Problem requirements →
Please return the lines below verbatim, beginning at the one that has "Written with IfcOpenShell." and stopping after the one that has "p1 = place(None, origin())", and add no other lines.
● ● ● ●
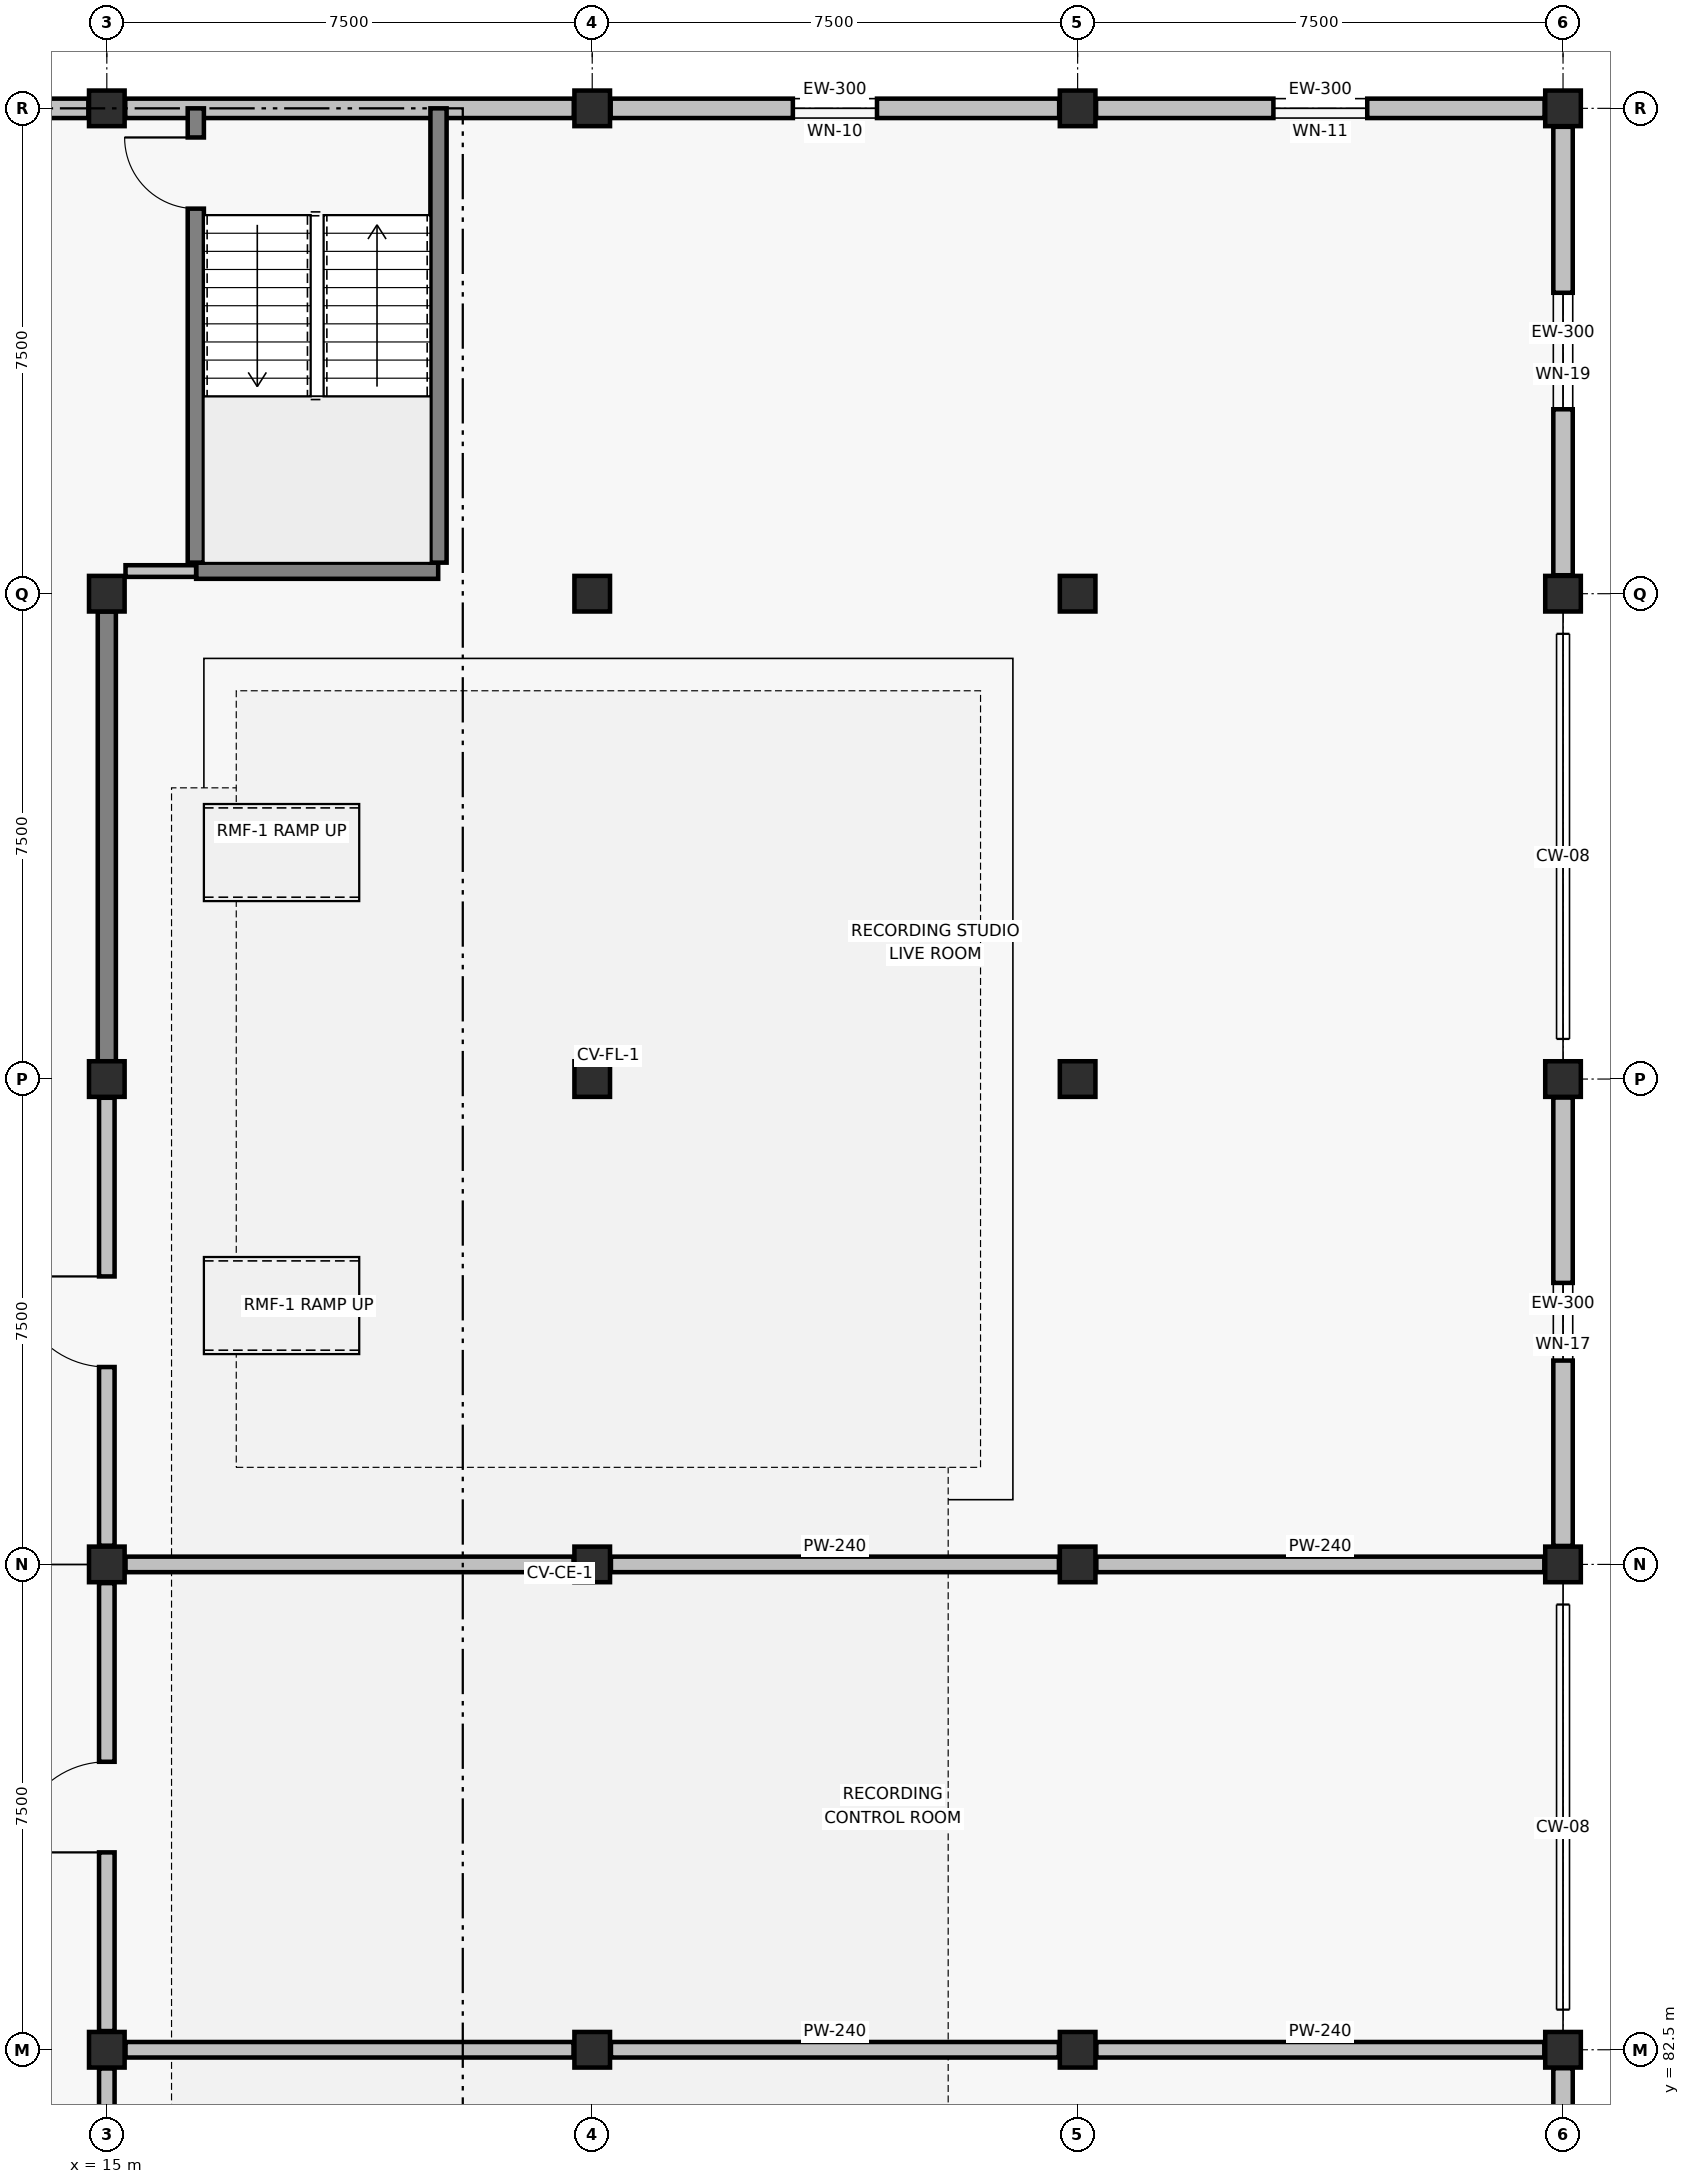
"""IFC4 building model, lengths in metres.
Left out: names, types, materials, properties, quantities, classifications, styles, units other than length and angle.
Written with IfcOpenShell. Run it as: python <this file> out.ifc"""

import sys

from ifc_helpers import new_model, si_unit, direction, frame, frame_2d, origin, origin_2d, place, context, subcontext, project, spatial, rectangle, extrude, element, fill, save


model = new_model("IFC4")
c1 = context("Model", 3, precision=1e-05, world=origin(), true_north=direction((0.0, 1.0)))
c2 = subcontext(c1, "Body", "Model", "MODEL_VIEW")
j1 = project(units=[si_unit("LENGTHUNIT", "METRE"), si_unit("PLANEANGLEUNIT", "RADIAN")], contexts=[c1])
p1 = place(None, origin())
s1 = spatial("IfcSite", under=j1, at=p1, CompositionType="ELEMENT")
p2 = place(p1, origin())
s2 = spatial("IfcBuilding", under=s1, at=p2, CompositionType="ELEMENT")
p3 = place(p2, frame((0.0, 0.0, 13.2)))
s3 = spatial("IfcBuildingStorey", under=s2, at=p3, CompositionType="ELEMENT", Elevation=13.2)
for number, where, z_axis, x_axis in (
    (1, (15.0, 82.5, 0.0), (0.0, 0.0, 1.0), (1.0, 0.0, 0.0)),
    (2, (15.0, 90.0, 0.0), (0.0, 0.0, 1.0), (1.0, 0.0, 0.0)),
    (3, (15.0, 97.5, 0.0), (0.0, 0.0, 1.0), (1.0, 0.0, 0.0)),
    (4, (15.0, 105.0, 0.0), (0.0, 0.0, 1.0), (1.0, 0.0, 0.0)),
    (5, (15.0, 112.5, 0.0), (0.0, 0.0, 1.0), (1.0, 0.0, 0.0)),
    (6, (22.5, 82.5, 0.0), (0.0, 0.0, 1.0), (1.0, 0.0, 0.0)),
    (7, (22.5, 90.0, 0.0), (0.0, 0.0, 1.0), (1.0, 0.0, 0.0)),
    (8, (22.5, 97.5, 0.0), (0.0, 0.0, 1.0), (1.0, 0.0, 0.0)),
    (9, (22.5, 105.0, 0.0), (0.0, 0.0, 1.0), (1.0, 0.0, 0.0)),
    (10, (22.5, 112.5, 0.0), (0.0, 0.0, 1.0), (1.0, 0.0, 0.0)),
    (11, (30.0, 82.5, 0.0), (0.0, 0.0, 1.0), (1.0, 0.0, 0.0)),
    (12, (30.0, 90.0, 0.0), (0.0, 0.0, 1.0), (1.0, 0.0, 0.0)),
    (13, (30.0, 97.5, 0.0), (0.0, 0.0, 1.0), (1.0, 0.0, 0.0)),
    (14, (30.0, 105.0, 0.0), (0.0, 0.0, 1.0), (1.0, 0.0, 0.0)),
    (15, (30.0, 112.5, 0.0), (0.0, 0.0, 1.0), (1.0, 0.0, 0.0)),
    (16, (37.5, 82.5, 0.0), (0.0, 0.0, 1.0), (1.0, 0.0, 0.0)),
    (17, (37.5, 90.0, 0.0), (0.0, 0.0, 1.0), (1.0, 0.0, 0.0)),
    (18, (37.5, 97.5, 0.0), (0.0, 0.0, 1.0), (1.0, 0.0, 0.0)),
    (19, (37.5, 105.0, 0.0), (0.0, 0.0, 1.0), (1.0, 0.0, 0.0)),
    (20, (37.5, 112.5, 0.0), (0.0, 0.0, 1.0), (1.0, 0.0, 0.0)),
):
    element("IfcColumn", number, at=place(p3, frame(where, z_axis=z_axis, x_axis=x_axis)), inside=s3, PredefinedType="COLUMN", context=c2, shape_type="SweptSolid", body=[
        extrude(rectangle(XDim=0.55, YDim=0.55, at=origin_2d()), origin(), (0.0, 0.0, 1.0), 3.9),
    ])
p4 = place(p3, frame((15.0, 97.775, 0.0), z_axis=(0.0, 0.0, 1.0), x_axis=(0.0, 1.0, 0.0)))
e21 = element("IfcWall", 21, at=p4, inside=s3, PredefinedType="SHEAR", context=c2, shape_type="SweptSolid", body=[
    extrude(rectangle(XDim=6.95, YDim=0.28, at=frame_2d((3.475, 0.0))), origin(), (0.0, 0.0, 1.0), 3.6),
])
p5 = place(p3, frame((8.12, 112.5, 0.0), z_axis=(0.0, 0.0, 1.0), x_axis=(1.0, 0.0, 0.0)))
● ● ● ●
Response below →
Written with IfcOpenShell. Run it as: python <this file> out.ifc"""

import sys

from ifc_helpers import new_model, si_unit, direction, frame, frame_2d, origin, origin_2d, place, context, subcontext, project, spatial, rectangle, extrude, element, fill, save


model = new_model("IFC4")
c1 = context("Model", 3, precision=1e-05, world=origin(), true_north=direction((0.0, 1.0)))
c2 = subcontext(c1, "Body", "Model", "MODEL_VIEW")
j1 = project(units=[si_unit("LENGTHUNIT", "METRE"), si_unit("PLANEANGLEUNIT", "RADIAN")], contexts=[c1])
p1 = place(None, origin())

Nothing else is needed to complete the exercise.